(Assigned task):
Transcribe the listing in full, excluding any pictures.

(Task data):
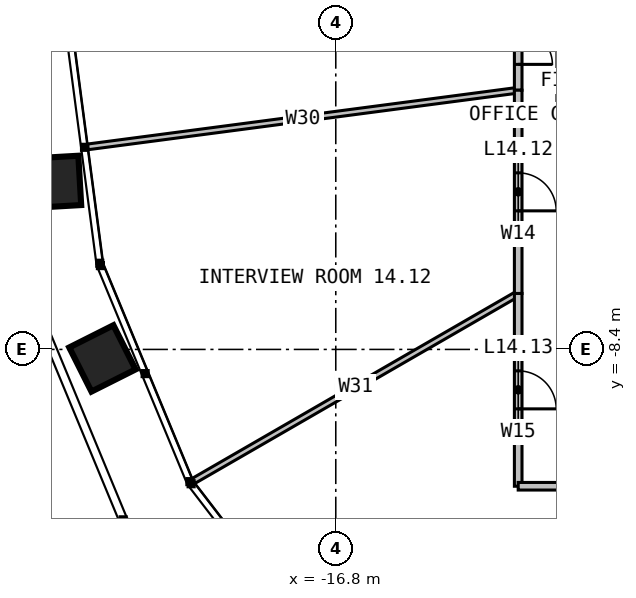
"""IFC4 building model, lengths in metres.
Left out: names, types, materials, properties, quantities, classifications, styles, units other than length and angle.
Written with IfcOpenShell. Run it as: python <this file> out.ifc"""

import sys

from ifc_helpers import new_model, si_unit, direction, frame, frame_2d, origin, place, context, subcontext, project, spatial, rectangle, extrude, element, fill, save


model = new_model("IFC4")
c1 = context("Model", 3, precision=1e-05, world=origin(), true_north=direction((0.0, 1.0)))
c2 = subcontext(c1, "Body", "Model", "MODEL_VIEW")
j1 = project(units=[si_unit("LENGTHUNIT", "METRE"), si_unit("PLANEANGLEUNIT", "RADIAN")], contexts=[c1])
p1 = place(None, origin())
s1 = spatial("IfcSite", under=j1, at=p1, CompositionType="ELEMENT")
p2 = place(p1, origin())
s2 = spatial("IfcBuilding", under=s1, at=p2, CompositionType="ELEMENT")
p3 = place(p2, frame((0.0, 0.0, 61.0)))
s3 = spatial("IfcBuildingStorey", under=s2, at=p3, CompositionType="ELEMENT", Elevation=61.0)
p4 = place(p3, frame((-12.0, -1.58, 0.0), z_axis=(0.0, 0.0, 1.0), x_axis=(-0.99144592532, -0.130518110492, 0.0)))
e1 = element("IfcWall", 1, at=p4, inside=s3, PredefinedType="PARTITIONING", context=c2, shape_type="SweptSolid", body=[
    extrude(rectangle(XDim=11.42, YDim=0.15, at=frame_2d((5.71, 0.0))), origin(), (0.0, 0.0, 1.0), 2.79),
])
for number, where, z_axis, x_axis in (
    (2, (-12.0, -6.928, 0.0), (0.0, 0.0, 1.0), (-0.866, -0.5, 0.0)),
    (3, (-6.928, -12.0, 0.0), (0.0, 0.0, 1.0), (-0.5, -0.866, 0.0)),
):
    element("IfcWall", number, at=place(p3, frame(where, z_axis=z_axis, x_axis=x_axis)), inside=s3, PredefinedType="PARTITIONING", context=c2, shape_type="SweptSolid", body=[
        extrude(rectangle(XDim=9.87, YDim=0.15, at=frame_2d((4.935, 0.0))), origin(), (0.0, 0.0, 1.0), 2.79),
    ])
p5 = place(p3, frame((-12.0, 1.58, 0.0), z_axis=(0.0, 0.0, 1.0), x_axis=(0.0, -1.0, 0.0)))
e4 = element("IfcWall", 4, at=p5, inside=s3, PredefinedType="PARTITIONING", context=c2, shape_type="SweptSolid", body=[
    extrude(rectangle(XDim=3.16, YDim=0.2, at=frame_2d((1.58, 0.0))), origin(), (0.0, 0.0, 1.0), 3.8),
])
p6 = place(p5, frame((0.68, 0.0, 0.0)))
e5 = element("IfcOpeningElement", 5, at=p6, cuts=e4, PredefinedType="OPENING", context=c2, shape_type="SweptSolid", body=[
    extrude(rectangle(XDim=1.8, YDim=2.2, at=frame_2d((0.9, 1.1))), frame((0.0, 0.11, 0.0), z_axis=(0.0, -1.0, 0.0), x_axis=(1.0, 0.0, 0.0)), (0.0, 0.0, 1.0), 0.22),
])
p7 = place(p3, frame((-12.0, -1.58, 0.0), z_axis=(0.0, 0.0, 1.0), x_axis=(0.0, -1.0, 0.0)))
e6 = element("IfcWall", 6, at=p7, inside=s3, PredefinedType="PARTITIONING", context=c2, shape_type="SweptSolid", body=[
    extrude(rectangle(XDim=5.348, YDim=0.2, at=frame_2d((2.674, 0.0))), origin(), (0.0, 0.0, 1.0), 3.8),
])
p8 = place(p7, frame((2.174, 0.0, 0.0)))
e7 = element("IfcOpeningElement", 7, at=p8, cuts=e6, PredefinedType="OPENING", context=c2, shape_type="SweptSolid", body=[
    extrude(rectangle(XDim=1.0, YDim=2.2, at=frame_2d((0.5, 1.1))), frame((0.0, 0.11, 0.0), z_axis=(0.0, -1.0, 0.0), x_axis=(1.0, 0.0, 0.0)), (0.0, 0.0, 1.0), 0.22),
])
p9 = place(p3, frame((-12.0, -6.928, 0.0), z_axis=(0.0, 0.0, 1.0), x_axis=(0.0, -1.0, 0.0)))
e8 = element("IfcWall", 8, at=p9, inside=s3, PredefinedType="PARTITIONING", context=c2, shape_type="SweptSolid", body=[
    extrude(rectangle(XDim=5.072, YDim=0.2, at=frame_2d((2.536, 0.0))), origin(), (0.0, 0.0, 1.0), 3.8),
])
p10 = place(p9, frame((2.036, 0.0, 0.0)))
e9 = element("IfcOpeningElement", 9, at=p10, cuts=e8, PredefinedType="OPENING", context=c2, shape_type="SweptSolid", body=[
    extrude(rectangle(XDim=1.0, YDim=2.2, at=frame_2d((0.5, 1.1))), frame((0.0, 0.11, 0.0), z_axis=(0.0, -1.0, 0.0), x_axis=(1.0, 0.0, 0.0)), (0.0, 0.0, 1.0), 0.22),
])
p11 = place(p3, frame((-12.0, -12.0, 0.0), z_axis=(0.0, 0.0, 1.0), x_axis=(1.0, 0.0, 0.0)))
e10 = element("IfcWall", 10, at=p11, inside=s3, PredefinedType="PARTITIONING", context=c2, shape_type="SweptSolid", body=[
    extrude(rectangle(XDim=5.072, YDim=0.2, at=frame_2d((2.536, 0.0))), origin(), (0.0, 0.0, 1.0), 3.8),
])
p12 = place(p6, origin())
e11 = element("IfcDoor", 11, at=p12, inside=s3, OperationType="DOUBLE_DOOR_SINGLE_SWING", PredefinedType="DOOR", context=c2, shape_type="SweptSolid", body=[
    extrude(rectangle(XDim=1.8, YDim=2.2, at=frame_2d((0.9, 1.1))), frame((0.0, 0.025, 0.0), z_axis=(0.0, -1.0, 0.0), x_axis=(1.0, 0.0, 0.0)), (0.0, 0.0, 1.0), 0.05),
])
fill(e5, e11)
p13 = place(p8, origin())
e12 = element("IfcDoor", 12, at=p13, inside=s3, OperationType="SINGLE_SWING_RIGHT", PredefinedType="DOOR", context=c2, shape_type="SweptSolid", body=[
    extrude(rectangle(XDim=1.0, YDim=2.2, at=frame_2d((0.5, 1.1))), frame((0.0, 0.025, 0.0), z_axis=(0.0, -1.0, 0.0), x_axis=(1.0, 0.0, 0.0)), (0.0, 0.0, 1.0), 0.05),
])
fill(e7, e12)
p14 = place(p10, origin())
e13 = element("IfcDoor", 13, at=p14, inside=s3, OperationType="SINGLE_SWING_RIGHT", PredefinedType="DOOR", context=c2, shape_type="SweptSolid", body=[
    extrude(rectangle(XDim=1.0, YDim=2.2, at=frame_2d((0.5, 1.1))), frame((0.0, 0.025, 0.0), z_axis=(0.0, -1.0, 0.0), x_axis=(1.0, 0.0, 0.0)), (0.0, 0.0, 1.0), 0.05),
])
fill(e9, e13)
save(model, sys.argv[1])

(Response to this exercise):
"""IFC4 building model, lengths in metres.
Left out: names, types, materials, properties, quantities, classifications, styles, units other than length and angle.
Written with IfcOpenShell. Run it as: python <this file> out.ifc"""

import sys

from ifc_helpers import new_model, si_unit, direction, frame, frame_2d, origin, place, context, subcontext, project, spatial, rectangle, extrude, element, fill, save


model = new_model("IFC4")
c1 = context("Model", 3, precision=1e-05, world=origin(), true_north=direction((0.0, 1.0)))
c2 = subcontext(c1, "Body", "Model", "MODEL_VIEW")
j1 = project(units=[si_unit("LENGTHUNIT", "METRE"), si_unit("PLANEANGLEUNIT", "RADIAN")], contexts=[c1])
p1 = place(None, origin())
s1 = spatial("IfcSite", under=j1, at=p1, CompositionType="ELEMENT")
p2 = place(p1, origin())
s2 = spatial("IfcBuilding", under=s1, at=p2, CompositionType="ELEMENT")
p3 = place(p2, frame((0.0, 0.0, 61.0)))
s3 = spatial("IfcBuildingStorey", under=s2, at=p3, CompositionType="ELEMENT", Elevation=61.0)
p4 = place(p3, frame((-12.0, -1.58, 0.0), z_axis=(0.0, 0.0, 1.0), x_axis=(-0.99144592532, -0.130518110492, 0.0)))
e1 = element("IfcWall", 1, at=p4, inside=s3, PredefinedType="PARTITIONING", context=c2, shape_type="SweptSolid", body=[
    extrude(rectangle(XDim=11.42, YDim=0.15, at=frame_2d((5.71, 0.0))), origin(), (0.0, 0.0, 1.0), 2.79),
])
for number, where, z_axis, x_axis in (
    (2, (-12.0, -6.928, 0.0), (0.0, 0.0, 1.0), (-0.866, -0.5, 0.0)),
    (3, (-6.928, -12.0, 0.0), (0.0, 0.0, 1.0), (-0.5, -0.866, 0.0)),
):
    element("IfcWall", number, at=place(p3, frame(where, z_axis=z_axis, x_axis=x_axis)), inside=s3, PredefinedType="PARTITIONING", context=c2, shape_type="SweptSolid", body=[
        extrude(rectangle(XDim=9.87, YDim=0.15, at=frame_2d((4.935, 0.0))), origin(), (0.0, 0.0, 1.0), 2.79),
    ])
p5 = place(p3, frame((-12.0, 1.58, 0.0), z_axis=(0.0, 0.0, 1.0), x_axis=(0.0, -1.0, 0.0)))
e4 = element("IfcWall", 4, at=p5, inside=s3, PredefinedType="PARTITIONING", context=c2, shape_type="SweptSolid", body=[
    extrude(rectangle(XDim=3.16, YDim=0.2, at=frame_2d((1.58, 0.0))), origin(), (0.0, 0.0, 1.0), 3.8),
])
p6 = place(p5, frame((0.68, 0.0, 0.0)))
e5 = element("IfcOpeningElement", 5, at=p6, cuts=e4, PredefinedType="OPENING", context=c2, shape_type="SweptSolid", body=[
    extrude(rectangle(XDim=1.8, YDim=2.2, at=frame_2d((0.9, 1.1))), frame((0.0, 0.11, 0.0), z_axis=(0.0, -1.0, 0.0), x_axis=(1.0, 0.0, 0.0)), (0.0, 0.0, 1.0), 0.22),
])
p7 = place(p3, frame((-12.0, -1.58, 0.0), z_axis=(0.0, 0.0, 1.0), x_axis=(0.0, -1.0, 0.0)))
e6 = element("IfcWall", 6, at=p7, inside=s3, PredefinedType="PARTITIONING", context=c2, shape_type="SweptSolid", body=[
    extrude(rectangle(XDim=5.348, YDim=0.2, at=frame_2d((2.674, 0.0))), origin(), (0.0, 0.0, 1.0), 3.8),
])
p8 = place(p7, frame((2.174, 0.0, 0.0)))
e7 = element("IfcOpeningElement", 7, at=p8, cuts=e6, PredefinedType="OPENING", context=c2, shape_type="SweptSolid", body=[
    extrude(rectangle(XDim=1.0, YDim=2.2, at=frame_2d((0.5, 1.1))), frame((0.0, 0.11, 0.0), z_axis=(0.0, -1.0, 0.0), x_axis=(1.0, 0.0, 0.0)), (0.0, 0.0, 1.0), 0.22),
])
p9 = place(p3, frame((-12.0, -6.928, 0.0), z_axis=(0.0, 0.0, 1.0), x_axis=(0.0, -1.0, 0.0)))
e8 = element("IfcWall", 8, at=p9, inside=s3, PredefinedType="PARTITIONING", context=c2, shape_type="SweptSolid", body=[
    extrude(rectangle(XDim=5.072, YDim=0.2, at=frame_2d((2.536, 0.0))), origin(), (0.0, 0.0, 1.0), 3.8),
])
p10 = place(p9, frame((2.036, 0.0, 0.0)))
e9 = element("IfcOpeningElement", 9, at=p10, cuts=e8, PredefinedType="OPENING", context=c2, shape_type="SweptSolid", body=[
    extrude(rectangle(XDim=1.0, YDim=2.2, at=frame_2d((0.5, 1.1))), frame((0.0, 0.11, 0.0), z_axis=(0.0, -1.0, 0.0), x_axis=(1.0, 0.0, 0.0)), (0.0, 0.0, 1.0), 0.22),
])
p11 = place(p3, frame((-12.0, -12.0, 0.0), z_axis=(0.0, 0.0, 1.0), x_axis=(1.0, 0.0, 0.0)))
e10 = element("IfcWall", 10, at=p11, inside=s3, PredefinedType="PARTITIONING", context=c2, shape_type="SweptSolid", body=[
    extrude(rectangle(XDim=5.072, YDim=0.2, at=frame_2d((2.536, 0.0))), origin(), (0.0, 0.0, 1.0), 3.8),
])
p12 = place(p6, origin())
e11 = element("IfcDoor", 11, at=p12, inside=s3, OperationType="DOUBLE_DOOR_SINGLE_SWING", PredefinedType="DOOR", context=c2, shape_type="SweptSolid", body=[
    extrude(rectangle(XDim=1.8, YDim=2.2, at=frame_2d((0.9, 1.1))), frame((0.0, 0.025, 0.0), z_axis=(0.0, -1.0, 0.0), x_axis=(1.0, 0.0, 0.0)), (0.0, 0.0, 1.0), 0.05),
])
fill(e5, e11)
p13 = place(p8, origin())
e12 = element("IfcDoor", 12, at=p13, inside=s3, OperationType="SINGLE_SWING_RIGHT", PredefinedType="DOOR", context=c2, shape_type="SweptSolid", body=[
    extrude(rectangle(XDim=1.0, YDim=2.2, at=frame_2d((0.5, 1.1))), frame((0.0, 0.025, 0.0), z_axis=(0.0, -1.0, 0.0), x_axis=(1.0, 0.0, 0.0)), (0.0, 0.0, 1.0), 0.05),
])
fill(e7, e12)
p14 = place(p10, origin())
e13 = element("IfcDoor", 13, at=p14, inside=s3, OperationType="SINGLE_SWING_RIGHT", PredefinedType="DOOR", context=c2, shape_type="SweptSolid", body=[
    extrude(rectangle(XDim=1.0, YDim=2.2, at=frame_2d((0.5, 1.1))), frame((0.0, 0.025, 0.0), z_axis=(0.0, -1.0, 0.0), x_axis=(1.0, 0.0, 0.0)), (0.0, 0.0, 1.0), 0.05),
])
fill(e9, e13)
save(model, sys.argv[1])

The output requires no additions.